| INSTRUCTIONS FOR THE TASK |
Every line in the records below with the string "BuildSketch" needs to be copied out.

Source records
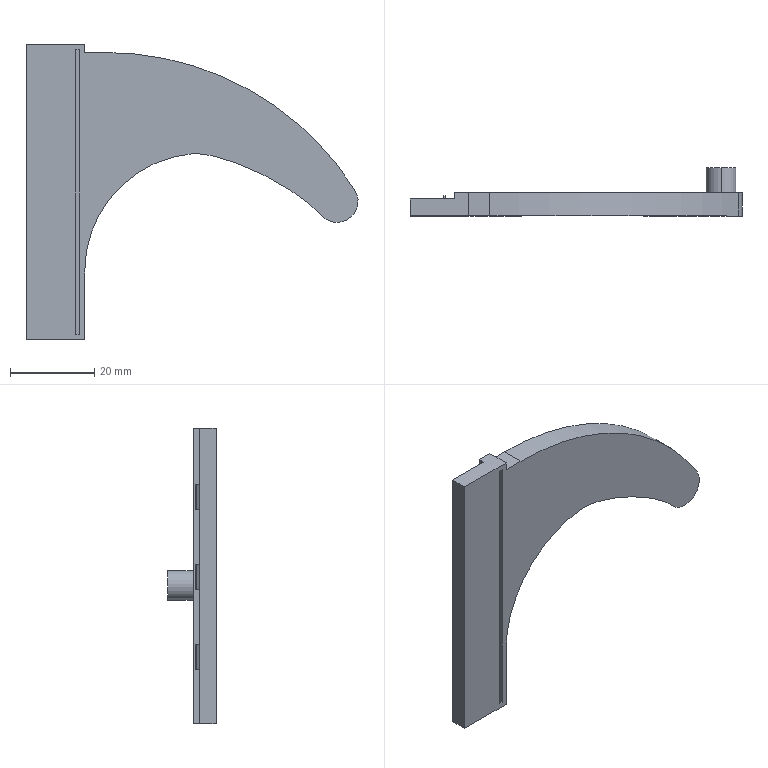Component | SolidWorks | ReversingArmBracket-1 | 4 solids | 94 faces | box 79.04 x 11.5 x 70.4 mm | volume 11280 mm3 | plane 77 | cylinder 16 | spline 1 | commonest cylinder face diameters 140 x6 136 x3 7 x2 10.189 x2 10 x2 56 x1
build123d program:
from build123d import *

# Parameters (mm, degrees)
BOSS_EXTRUDE1_DEPTH      = 2
BOSS_EXTRUDE1_DEPTH_BACK = 2
SKETCH1_W                = 70.4
SKETCH1_H                = 10.5
BOSS_EXTRUDE2_DEPTH      = 3.5
BOSS_EXTRUDE2_DEPTH_BACK = 3
SKETCH2_W                = 70.4
SKETCH2_H                = 3.5
SKETCH2_W_2              = 67.8
SKETCH2_H_2              = 0.9
BOSS_EXTRUDE3_DEPTH      = 1
BOSS_EXTRUDE3_DEPTH_BACK = 1
SKETCH3_W                = 67.8
SKETCH3_H                = 0.9
BOSS_EXTRUDE4_DEPTH      = 3.5
BOSS_EXTRUDE4_DEPTH_BACK = 2
CUT_EXTRUDE1_DEPTH       = 1.5
SKETCH6_R                = 3.5
BOSS_EXTRUDE5_DEPTH      = 6
SKETCH8_W                = 1
SKETCH8_H                = 3.5
CUT_EXTRUDE2_DEPTH       = 75
BOSS_EXTRUDE6_DEPTH      = 70.4
SKETCH10_W               = 16.322
SKETCH10_H               = 3.832
SKETCH10_W_2             = 13
SKETCH10_H_2             = 4.652
SKETCH10_W_3             = 14.7
SKETCH10_H_3             = 6.727
CUT_EXTRUDE3_DEPTH       = 19.4
CUT_EXTRUDE4_DEPTH       = 0.5


with BuildPart() as part:
    # Sketch1 → Boss-Extrude1 (new, two sides: drawn at the far end of the back side and taken through both)
    with BuildSketch(Plane.XY.offset(-BOSS_EXTRUDE1_DEPTH_BACK)):
        with Locations((35.2, 5.25)):
            Rectangle(SKETCH1_W, SKETCH1_H)
    extrude(amount=BOSS_EXTRUDE1_DEPTH + BOSS_EXTRUDE1_DEPTH_BACK)

    # Sketch2 → Boss-Extrude2 (add, two sides: drawn at the far end of the back side and taken through both)
    with BuildSketch(Plane.XY.offset(-BOSS_EXTRUDE2_DEPTH_BACK)):
        with Locations((35.2, 12.25)):
            Rectangle(SKETCH2_W, SKETCH2_H)
        with Locations((35.2, 12.25)):
            Rectangle(SKETCH2_W_2, SKETCH2_H_2, mode=Mode.SUBTRACT)
    extrude(amount=BOSS_EXTRUDE2_DEPTH + BOSS_EXTRUDE2_DEPTH_BACK)

    # Sketch3 → Boss-Extrude3 (add, two sides: drawn at the far end of the back side and taken through both)
    with BuildSketch(Plane.XY.offset(-BOSS_EXTRUDE3_DEPTH_BACK)):
        with Locations((35.2, 12.25)):
            Rectangle(SKETCH3_W, SKETCH3_H)
    extrude(amount=BOSS_EXTRUDE3_DEPTH + BOSS_EXTRUDE3_DEPTH_BACK)

    # Sketch4 → Boss-Extrude4 (add, two sides: drawn at the far end of the back side and taken through both)
    with BuildSketch(Plane.XY.offset(-BOSS_EXTRUDE4_DEPTH_BACK)):
        with BuildLine():
            ThreePointArc((44.27, 39.304), (35.222, 21.27), (16.4, 14))
            Line((16.4, 14), (68.4, 14))
            Line((68.4, 14), (68.4, 19))
            ThreePointArc((68.4, 19), (59.663, 52.865), (35.633, 78.276))
            ThreePointArc((35.633, 78.276), (28.986, 77.058), (29.625, 70.33))
            add(Edge.make_bspline(
                [(29.625, 70.33), (36.749, 63.902), (45.001, 46.865), (44.27, 39.304)],
                knots=[0, 0, 0, 0, 1, 1, 1, 1], degree=3))
        make_face()
    extrude(amount=BOSS_EXTRUDE4_DEPTH + BOSS_EXTRUDE4_DEPTH_BACK)

    # Sketch5 → Cut-Extrude1 (cut)
    with BuildSketch(Plane.XY.offset(3.5)):
        with BuildLine():
            Line((66.4, 19), (51.4, 19))
            ThreePointArc((51.4, 19), (51.474, 21.559), (51.455, 24.118))
            Line((51.455, 24.118), (64.531, 34.835))
            ThreePointArc((64.531, 34.835), (65.931, 26.972), (66.4, 19))
        make_face()
        with BuildLine():
            Line((41.983, 71.197), (39.395, 61.62))
            ThreePointArc((39.395, 61.62), (36.639, 65.402), (33.636, 68.991))
            ThreePointArc((33.636, 68.991), (36.866, 70.755), (38.065, 74.233))
            ThreePointArc((38.065, 74.233), (40.051, 72.751), (41.983, 71.197))
        make_face()
        with BuildLine():
            Line((43.663, 69.747), (40.86, 59.371))
            ThreePointArc((40.86, 59.371), (44.201, 53.383), (46.941, 47.097))
            Line((46.941, 47.097), (63.683, 38.031))
            ThreePointArc((63.683, 38.031), (55.903, 55.297), (43.663, 69.747))
        make_face()
        with BuildLine():
            Line((63.307, 35.96), (51.371, 26.177))
            ThreePointArc((51.371, 26.177), (50.253, 35.343), (47.939, 44.282))
            Line((47.939, 44.282), (63.307, 35.96))
        make_face()
    extrude(amount=-CUT_EXTRUDE1_DEPTH, mode=Mode.SUBTRACT)

    # Sketch6 → Boss-Extrude5 (add)
    with BuildSketch(Plane.XY.offset(3.5)):
        with Locations(Location((32.974, 74.042, 0), (0, 0, 180))):
            Circle(SKETCH6_R)
    extrude(amount=BOSS_EXTRUDE5_DEPTH)

    # Sketch8 → Cut-Extrude2 (cut)
    with BuildSketch(Plane(origin=(70.4, 0, 0), x_dir=(0, 0, -1), z_dir=(1, 0, 0))):
        with Locations((2.5, 12.25)):
            Rectangle(SKETCH8_W, SKETCH8_H)
    extrude(amount=-CUT_EXTRUDE2_DEPTH, mode=Mode.SUBTRACT)

    # Sketch11 → Cut-Extrude4 (cut)
    with BuildSketch(Plane.XY.offset(2)):
        Polygon((13, 8.6), (12.5, 8.6), (12.5, 4.1), (19.5, 4.1), (19.5, 8.6), (19, 8.6), (19, 4.6), (13, 4.6), align=None)
        Polygon((38, 8.6), (38, 4.6), (32, 4.6), (32, 8.6), (31.5, 8.6), (31.5, 4.1), (38.5, 4.1), (38.5, 8.6), align=None)
        Polygon((57, 8.6), (57, 4.6), (51, 4.6), (51, 8.6), (50.5, 8.6), (50.5, 4.1), (57.5, 4.1), (57.5, 8.6), align=None)
    extrude(amount=-CUT_EXTRUDE4_DEPTH, mode=Mode.SUBTRACT)


with BuildPart() as body_2:
    # Sketch9 → Boss-Extrude6 (new body)
    with BuildSketch(Plane(origin=(70.4, 0, 0), x_dir=(0, 0, -1), z_dir=(1, 0, 0))):
        Polygon((-2.8, 8.5), (-2, 8.6), (-2, 7.6), (-2.731, 8.067), align=None)
    extrude(amount=-BOSS_EXTRUDE6_DEPTH)

    # Sketch10 → Cut-Extrude3 (cut)
    with BuildSketch(Plane.XY.offset(2)):
        with Locations((4.839, 7.565)):
            Rectangle(SKETCH10_W, SKETCH10_H)
        with Locations((25.5, 7.155)):
            Rectangle(SKETCH10_W_2, SKETCH10_H_2)
        with Locations((44.5, 7.155)):
            Rectangle(SKETCH10_W_2, SKETCH10_H_2)
        with Locations((64.35, 7.137)):
            Rectangle(SKETCH10_W_3, SKETCH10_H_3)
    extrude(amount=CUT_EXTRUDE3_DEPTH, mode=Mode.SUBTRACT)


with BuildPart() as cut_extrude3_piece_1:
    # of the separate pieces the step leaves, piece 1, a body of its own (cut_extrude3_pieces)
    add(body_2.part.solids().sort_by_distance((38, 8.6, 2))[0])


with BuildPart() as cut_extrude3_piece_2:
    # of the separate pieces the step leaves, piece 2, a body of its own (cut_extrude3_pieces)
    add(body_2.part.solids().sort_by_distance((19, 8.6, 2))[0])


with BuildPart() as cut_extrude3_piece_3:
    # of the separate pieces the step leaves, piece 3, a body of its own (cut_extrude3_pieces)
    add(body_2.part.solids().sort_by_distance((57, 8.6, 2))[0])


solid = Compound([part.part, cut_extrude3_piece_1.part, cut_extrude3_piece_2.part, cut_extrude3_piece_3.part])

# Placed as in the assembly
solid = solid.moved(Location((22.207, 8.747, 1820.664), (-90, 0, -90)))

| TASK SOLUTION |
    with BuildSketch(Plane.XY.offset(-BOSS_EXTRUDE1_DEPTH_BACK)):
    with BuildSketch(Plane.XY.offset(-BOSS_EXTRUDE2_DEPTH_BACK)):
    with BuildSketch(Plane.XY.offset(-BOSS_EXTRUDE3_DEPTH_BACK)):
    with BuildSketch(Plane.XY.offset(-BOSS_EXTRUDE4_DEPTH_BACK)):
    with BuildSketch(Plane.XY.offset(3.5)):
    with BuildSketch(Plane.XY.offset(3.5)):
    with BuildSketch(Plane(origin=(70.4, 0, 0), x_dir=(0, 0, -1), z_dir=(1, 0, 0))):
    with BuildSketch(Plane.XY.offset(2)):
    with BuildSketch(Plane(origin=(70.4, 0, 0), x_dir=(0, 0, -1), z_dir=(1, 0, 0))):
    with BuildSketch(Plane.XY.offset(2)):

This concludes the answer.